Entries taken from a collection:
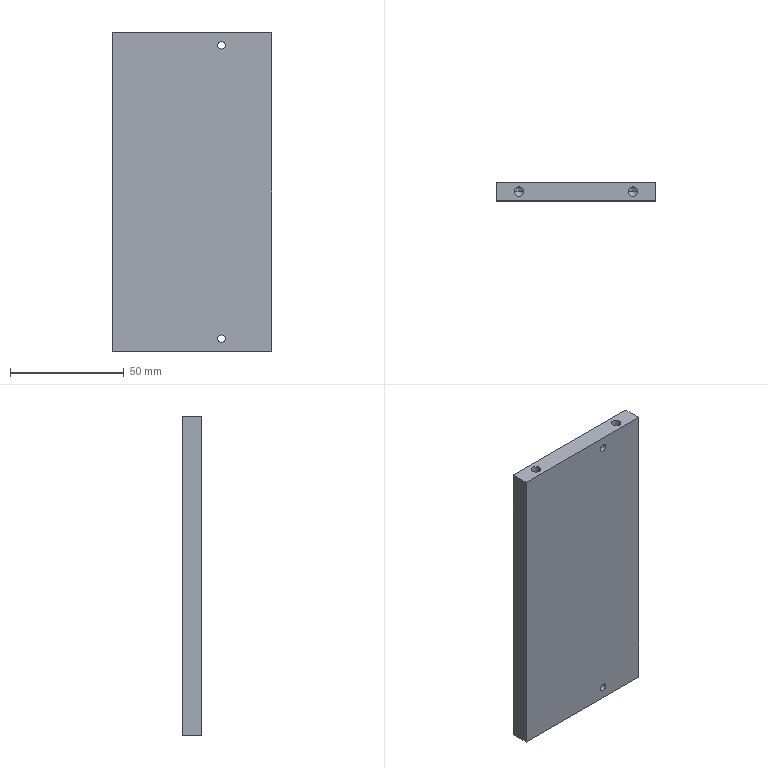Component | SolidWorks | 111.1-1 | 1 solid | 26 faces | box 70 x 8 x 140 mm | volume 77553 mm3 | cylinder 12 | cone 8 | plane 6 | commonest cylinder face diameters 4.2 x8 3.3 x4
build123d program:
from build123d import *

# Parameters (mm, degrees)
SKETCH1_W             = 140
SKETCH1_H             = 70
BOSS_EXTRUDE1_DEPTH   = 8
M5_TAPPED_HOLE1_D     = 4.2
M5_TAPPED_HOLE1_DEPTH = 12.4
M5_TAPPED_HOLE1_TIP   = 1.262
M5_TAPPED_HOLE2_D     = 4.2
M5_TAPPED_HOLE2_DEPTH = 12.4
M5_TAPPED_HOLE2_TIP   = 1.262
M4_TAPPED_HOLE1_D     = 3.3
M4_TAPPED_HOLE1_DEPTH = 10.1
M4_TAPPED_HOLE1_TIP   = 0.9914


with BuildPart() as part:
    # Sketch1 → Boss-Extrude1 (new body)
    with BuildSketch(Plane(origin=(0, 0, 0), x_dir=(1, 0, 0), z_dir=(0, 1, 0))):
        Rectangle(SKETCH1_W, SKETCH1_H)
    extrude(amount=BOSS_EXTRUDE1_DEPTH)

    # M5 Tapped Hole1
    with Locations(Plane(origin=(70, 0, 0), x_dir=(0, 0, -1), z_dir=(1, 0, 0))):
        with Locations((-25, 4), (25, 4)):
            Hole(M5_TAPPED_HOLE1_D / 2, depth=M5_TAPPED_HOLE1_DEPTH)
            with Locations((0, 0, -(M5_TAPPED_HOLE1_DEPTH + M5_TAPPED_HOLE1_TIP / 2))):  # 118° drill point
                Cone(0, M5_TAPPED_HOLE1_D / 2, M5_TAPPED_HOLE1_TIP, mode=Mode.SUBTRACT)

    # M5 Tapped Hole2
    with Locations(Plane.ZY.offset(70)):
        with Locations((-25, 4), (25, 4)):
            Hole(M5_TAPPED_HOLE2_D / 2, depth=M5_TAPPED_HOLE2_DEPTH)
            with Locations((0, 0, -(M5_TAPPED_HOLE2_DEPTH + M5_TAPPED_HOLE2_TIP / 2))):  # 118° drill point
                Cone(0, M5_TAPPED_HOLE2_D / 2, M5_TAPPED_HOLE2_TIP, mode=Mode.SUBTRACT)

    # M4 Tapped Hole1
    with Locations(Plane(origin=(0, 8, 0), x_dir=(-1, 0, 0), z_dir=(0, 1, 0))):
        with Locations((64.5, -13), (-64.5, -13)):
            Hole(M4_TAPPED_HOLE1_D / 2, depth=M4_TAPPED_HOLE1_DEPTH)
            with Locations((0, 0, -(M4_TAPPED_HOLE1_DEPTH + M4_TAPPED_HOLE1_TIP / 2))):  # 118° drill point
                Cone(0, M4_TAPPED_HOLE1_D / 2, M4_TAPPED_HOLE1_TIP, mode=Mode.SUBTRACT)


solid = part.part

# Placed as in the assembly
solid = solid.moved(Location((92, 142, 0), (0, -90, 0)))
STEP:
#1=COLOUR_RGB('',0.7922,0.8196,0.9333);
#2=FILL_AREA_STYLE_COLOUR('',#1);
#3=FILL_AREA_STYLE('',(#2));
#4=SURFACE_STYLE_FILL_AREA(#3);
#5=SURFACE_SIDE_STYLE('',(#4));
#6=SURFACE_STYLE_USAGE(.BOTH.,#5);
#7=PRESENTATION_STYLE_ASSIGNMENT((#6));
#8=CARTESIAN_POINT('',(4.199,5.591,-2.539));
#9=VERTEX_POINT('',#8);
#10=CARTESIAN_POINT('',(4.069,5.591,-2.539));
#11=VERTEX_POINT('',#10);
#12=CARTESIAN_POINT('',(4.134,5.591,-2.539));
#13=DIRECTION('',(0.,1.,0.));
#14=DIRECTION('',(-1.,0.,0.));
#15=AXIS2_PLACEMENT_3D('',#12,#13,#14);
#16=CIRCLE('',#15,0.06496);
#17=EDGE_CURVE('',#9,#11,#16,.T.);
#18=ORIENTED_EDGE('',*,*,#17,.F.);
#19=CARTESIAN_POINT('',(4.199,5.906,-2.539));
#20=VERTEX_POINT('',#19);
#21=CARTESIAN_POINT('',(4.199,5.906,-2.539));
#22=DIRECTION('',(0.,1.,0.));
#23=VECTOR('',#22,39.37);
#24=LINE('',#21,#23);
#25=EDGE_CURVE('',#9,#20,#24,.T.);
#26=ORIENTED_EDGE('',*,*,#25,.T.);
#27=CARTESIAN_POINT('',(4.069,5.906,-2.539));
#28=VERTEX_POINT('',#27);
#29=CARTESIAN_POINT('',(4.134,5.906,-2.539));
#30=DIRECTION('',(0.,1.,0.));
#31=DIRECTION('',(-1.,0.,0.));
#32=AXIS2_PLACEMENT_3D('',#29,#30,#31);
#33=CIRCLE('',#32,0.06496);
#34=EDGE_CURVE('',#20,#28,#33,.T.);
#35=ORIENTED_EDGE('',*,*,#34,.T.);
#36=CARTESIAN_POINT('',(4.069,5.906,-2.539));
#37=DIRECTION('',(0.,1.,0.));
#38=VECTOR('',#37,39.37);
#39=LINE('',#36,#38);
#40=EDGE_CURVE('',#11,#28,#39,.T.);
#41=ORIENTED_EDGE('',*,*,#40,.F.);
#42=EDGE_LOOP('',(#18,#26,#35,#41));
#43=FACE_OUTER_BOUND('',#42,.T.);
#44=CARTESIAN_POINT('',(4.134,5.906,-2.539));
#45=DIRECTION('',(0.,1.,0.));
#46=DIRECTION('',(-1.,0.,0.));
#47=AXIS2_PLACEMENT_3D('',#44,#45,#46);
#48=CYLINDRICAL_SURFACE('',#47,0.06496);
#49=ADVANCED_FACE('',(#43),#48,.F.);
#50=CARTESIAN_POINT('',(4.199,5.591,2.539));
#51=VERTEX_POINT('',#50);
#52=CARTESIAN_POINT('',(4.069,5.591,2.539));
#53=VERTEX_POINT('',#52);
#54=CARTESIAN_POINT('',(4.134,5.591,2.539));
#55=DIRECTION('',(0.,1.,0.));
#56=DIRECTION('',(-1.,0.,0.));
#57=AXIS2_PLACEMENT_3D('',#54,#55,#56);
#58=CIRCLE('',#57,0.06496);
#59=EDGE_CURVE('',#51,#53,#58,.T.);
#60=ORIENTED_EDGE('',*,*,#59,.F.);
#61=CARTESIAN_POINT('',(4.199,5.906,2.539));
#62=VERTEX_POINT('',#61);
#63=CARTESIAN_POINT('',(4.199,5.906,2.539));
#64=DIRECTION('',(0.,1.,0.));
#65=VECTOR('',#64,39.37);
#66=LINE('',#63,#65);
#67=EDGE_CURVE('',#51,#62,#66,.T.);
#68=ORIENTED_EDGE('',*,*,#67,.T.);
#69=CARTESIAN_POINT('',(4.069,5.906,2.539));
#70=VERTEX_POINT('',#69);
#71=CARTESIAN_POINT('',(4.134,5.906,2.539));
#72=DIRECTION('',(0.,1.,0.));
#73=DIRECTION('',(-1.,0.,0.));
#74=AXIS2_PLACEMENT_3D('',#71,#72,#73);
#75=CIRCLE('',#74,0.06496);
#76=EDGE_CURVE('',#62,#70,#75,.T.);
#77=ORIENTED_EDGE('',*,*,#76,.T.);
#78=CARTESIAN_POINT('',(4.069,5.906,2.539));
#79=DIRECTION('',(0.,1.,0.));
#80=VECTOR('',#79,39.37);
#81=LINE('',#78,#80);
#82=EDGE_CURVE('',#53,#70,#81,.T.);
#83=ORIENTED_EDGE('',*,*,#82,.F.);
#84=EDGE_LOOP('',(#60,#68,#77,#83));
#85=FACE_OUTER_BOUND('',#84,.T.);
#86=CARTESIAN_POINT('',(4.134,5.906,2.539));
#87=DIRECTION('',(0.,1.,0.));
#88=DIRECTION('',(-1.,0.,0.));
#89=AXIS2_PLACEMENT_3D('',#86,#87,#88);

* _TASK DESCRIPTION_
Could you write out, exactly as they stand, only the lines above that begin at the line with "#39=LINE('',#36,#38);" and stop after the line with "#53=VERTEX_POINT('',#52);"?

* _OUTPUT_
#39=LINE('',#36,#38);
#40=EDGE_CURVE('',#11,#28,#39,.T.);
#41=ORIENTED_EDGE('',*,*,#40,.F.);
#42=EDGE_LOOP('',(#18,#26,#35,#41));
#43=FACE_OUTER_BOUND('',#42,.T.);
#44=CARTESIAN_POINT('',(4.134,5.906,-2.539));
#45=DIRECTION('',(0.,1.,0.));
#46=DIRECTION('',(-1.,0.,0.));
#47=AXIS2_PLACEMENT_3D('',#44,#45,#46);
#48=CYLINDRICAL_SURFACE('',#47,0.06496);
#49=ADVANCED_FACE('',(#43),#48,.F.);
#50=CARTESIAN_POINT('',(4.199,5.591,2.539));
#51=VERTEX_POINT('',#50);
#52=CARTESIAN_POINT('',(4.069,5.591,2.539));
#53=VERTEX_POINT('',#52);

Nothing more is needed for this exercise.